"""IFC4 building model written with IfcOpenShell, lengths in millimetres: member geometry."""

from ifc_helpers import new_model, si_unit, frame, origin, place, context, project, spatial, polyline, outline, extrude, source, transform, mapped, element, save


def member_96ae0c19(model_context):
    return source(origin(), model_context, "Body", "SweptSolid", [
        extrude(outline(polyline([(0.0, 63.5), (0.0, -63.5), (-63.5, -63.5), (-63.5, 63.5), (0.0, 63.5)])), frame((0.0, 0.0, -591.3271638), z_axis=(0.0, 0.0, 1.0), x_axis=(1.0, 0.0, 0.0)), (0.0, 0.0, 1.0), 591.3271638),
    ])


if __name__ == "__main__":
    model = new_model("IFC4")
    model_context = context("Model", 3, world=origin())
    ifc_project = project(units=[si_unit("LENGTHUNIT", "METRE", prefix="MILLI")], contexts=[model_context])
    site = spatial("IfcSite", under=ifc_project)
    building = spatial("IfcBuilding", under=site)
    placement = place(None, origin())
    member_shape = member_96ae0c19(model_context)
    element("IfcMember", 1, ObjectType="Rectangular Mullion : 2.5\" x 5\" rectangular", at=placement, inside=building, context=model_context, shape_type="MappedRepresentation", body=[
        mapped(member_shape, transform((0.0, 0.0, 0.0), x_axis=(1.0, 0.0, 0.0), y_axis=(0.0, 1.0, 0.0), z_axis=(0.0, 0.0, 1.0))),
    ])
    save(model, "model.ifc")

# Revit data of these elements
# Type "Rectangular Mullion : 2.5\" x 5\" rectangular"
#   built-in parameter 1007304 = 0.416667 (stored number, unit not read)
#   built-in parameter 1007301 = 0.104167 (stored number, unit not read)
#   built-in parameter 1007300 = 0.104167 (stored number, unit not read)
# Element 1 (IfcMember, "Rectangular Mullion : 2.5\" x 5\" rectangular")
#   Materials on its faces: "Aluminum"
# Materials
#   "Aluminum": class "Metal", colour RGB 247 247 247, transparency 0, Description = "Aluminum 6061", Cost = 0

########################################

Using the material above, state how many lines carry the word "Aluminum", giving the number alone.

TASK RESPONSE
2